- **Problem**
Work through the material below and tally the lines holding "project"; only the tally should be returned.
□ □ □ □ □ □ □
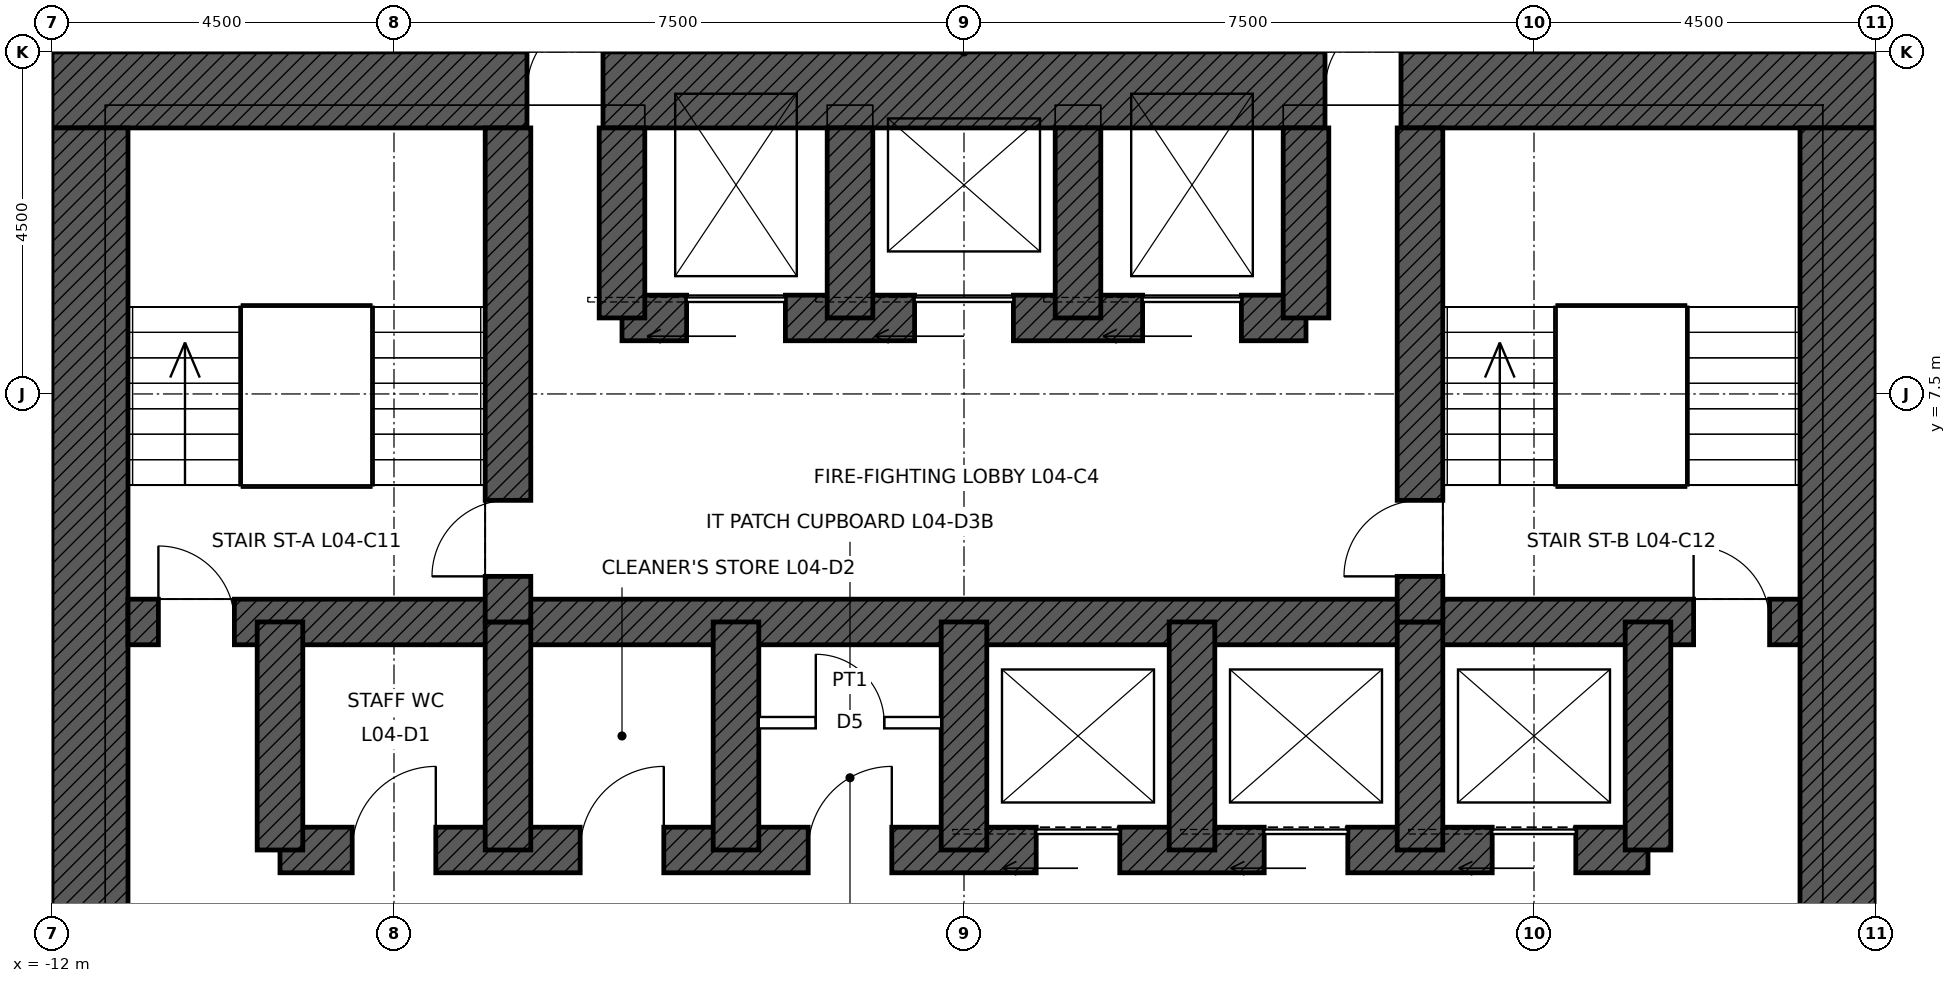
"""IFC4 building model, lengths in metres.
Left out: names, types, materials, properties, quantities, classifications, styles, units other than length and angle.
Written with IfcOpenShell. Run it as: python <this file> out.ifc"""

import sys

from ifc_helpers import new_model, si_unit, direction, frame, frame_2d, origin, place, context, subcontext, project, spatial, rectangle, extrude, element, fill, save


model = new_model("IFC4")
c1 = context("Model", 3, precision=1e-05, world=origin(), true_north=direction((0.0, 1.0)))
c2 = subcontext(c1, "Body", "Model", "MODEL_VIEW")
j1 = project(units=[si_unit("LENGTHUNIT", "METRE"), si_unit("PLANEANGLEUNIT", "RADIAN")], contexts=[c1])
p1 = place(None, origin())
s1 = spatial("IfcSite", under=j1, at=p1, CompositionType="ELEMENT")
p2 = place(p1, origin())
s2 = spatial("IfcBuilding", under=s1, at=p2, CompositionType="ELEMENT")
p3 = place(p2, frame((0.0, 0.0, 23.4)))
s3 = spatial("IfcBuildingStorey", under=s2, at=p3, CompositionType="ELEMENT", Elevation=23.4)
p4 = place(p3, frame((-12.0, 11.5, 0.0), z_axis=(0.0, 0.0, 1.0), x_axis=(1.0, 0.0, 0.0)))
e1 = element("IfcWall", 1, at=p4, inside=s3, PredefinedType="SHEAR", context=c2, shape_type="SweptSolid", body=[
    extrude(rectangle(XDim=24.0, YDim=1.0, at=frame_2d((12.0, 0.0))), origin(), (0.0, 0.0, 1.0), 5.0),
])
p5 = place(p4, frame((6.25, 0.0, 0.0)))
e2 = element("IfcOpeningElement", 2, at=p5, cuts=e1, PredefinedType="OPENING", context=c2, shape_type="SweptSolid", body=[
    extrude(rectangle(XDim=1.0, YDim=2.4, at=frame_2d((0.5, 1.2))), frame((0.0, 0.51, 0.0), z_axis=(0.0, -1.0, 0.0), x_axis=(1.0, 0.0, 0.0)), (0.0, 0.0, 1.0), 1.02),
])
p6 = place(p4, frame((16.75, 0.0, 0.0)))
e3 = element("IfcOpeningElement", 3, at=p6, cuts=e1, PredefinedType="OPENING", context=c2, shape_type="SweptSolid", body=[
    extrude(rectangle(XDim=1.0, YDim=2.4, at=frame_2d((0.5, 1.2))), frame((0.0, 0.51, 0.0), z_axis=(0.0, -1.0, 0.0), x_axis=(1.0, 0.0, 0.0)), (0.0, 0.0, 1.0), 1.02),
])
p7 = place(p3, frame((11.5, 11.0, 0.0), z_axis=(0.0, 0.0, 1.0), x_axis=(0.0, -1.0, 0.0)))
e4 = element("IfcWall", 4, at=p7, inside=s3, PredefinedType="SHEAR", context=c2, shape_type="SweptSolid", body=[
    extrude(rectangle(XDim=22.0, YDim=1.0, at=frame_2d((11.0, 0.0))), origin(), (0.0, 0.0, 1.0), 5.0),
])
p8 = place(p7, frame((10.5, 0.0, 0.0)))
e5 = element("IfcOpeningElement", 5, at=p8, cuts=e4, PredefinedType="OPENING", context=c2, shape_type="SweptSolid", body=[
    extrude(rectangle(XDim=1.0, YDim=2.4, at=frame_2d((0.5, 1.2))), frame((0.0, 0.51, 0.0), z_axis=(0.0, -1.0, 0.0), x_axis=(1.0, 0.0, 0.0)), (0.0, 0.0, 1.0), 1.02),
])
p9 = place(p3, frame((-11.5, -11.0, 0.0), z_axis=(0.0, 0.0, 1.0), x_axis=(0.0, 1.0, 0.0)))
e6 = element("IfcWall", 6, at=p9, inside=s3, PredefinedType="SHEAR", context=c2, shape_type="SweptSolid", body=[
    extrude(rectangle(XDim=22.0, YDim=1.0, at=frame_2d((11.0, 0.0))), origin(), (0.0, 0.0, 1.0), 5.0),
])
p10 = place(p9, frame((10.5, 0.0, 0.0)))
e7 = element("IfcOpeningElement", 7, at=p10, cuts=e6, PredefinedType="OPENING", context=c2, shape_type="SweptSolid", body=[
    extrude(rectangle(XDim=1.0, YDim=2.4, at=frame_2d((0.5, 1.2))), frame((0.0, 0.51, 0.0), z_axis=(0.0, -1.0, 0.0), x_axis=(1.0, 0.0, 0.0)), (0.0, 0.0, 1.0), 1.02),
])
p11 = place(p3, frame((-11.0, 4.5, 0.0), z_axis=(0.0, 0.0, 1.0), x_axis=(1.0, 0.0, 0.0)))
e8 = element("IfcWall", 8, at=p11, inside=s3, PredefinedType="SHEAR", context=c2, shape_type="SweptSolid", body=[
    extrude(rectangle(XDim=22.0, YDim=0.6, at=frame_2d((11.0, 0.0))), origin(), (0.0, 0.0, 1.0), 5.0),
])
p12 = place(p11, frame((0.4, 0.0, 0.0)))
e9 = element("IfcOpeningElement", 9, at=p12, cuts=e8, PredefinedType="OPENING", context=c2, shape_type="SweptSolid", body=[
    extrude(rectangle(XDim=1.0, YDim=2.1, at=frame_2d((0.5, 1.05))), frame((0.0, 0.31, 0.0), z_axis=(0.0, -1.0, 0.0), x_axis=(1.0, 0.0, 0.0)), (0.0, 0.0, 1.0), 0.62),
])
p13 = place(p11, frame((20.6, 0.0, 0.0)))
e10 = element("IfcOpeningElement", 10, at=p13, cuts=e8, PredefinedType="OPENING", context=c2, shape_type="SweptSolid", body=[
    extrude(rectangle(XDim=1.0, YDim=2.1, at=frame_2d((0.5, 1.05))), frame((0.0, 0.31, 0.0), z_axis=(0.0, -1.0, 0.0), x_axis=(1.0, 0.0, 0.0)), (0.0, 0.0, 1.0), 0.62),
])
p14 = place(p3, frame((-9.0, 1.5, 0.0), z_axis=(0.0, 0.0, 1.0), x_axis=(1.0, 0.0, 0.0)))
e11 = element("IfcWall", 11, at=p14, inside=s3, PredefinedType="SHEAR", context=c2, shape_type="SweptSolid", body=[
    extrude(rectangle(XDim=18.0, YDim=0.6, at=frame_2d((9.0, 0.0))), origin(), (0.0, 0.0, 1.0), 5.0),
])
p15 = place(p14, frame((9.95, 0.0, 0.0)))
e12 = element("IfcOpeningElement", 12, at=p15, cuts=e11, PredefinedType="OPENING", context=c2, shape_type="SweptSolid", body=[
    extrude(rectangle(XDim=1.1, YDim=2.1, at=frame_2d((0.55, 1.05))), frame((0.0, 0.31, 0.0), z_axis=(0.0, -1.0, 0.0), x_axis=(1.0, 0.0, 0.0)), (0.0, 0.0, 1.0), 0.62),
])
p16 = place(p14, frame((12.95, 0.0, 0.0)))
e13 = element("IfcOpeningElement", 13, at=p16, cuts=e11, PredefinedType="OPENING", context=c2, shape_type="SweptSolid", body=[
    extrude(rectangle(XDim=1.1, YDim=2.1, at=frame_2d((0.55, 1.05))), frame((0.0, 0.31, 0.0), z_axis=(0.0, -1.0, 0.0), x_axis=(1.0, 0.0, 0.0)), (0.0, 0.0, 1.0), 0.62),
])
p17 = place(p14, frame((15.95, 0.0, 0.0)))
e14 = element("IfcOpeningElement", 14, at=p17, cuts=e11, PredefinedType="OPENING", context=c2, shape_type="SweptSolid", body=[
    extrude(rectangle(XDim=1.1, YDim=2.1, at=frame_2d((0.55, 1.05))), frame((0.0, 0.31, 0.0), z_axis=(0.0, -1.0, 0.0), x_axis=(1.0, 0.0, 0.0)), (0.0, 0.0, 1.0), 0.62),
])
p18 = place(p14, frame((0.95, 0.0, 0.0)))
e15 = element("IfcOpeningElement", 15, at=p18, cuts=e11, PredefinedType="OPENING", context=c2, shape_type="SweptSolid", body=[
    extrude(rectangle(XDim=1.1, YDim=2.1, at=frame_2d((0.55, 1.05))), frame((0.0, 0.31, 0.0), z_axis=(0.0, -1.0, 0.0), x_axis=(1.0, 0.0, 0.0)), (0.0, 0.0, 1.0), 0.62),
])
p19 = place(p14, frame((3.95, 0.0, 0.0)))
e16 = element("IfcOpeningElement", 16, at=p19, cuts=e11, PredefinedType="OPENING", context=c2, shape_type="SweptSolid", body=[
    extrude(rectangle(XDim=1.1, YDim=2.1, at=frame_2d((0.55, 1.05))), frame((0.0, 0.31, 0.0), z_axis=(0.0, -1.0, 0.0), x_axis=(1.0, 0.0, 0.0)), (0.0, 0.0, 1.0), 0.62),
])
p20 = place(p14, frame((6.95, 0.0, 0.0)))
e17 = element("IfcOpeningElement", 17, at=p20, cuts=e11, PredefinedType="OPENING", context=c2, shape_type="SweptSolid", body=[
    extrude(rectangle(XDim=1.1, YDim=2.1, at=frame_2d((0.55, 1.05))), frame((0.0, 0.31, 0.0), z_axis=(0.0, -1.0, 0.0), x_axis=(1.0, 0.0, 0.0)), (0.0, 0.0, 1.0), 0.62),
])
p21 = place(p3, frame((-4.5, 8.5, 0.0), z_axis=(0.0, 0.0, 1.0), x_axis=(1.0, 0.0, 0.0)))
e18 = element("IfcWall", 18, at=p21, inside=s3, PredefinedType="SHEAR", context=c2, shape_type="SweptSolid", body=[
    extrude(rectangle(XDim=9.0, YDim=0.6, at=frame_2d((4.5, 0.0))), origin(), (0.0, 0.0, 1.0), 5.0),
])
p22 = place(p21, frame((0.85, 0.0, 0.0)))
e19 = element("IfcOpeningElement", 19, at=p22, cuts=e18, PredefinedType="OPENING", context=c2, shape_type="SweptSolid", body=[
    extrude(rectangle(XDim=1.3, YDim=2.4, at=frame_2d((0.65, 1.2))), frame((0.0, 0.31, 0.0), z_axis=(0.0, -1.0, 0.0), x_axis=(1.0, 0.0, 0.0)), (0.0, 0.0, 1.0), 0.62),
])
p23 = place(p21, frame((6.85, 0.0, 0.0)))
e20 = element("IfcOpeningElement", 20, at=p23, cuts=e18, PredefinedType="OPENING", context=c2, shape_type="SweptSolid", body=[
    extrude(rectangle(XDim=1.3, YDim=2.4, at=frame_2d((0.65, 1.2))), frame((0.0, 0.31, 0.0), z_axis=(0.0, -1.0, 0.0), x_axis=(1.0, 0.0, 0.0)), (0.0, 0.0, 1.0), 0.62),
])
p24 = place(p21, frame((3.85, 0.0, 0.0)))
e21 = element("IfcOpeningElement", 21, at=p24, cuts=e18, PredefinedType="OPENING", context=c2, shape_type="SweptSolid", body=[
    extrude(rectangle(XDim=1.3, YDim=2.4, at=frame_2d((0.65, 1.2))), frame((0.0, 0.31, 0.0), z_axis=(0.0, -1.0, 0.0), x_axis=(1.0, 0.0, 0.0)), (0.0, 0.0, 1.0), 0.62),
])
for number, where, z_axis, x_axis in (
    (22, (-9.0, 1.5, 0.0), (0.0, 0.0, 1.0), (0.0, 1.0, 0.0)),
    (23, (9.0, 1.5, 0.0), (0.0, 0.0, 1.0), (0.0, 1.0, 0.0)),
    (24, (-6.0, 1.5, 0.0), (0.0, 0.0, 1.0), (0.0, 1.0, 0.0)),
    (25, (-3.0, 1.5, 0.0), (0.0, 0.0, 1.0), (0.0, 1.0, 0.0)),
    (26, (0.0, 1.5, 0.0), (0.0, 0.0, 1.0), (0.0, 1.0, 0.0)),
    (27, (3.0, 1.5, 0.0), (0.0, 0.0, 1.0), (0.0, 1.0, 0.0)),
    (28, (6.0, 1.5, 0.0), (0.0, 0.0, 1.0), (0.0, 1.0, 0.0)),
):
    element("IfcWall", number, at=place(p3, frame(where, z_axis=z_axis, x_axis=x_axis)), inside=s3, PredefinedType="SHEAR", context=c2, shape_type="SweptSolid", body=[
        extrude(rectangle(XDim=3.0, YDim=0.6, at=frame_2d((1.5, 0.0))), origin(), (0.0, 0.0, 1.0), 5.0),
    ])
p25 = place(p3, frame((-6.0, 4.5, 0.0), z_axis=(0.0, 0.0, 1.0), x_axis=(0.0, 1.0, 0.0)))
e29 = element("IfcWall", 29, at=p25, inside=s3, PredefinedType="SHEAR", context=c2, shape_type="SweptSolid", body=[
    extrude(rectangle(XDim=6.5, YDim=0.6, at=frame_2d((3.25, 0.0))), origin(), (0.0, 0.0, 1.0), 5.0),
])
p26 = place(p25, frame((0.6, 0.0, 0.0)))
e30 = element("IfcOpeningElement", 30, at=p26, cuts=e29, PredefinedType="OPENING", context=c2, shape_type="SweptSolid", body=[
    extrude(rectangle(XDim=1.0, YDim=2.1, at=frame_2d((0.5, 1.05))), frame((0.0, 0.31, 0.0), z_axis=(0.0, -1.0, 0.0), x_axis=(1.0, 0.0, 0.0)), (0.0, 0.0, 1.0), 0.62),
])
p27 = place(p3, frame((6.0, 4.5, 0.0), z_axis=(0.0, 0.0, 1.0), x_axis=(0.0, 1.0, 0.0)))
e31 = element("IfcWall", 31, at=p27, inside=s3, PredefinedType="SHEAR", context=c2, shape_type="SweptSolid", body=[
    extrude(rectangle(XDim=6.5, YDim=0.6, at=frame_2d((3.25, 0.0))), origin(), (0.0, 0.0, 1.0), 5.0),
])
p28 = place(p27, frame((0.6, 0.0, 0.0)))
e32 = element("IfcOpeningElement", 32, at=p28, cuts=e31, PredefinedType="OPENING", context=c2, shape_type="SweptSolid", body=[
□ □ □ □ □ □ □
- **Task output**
2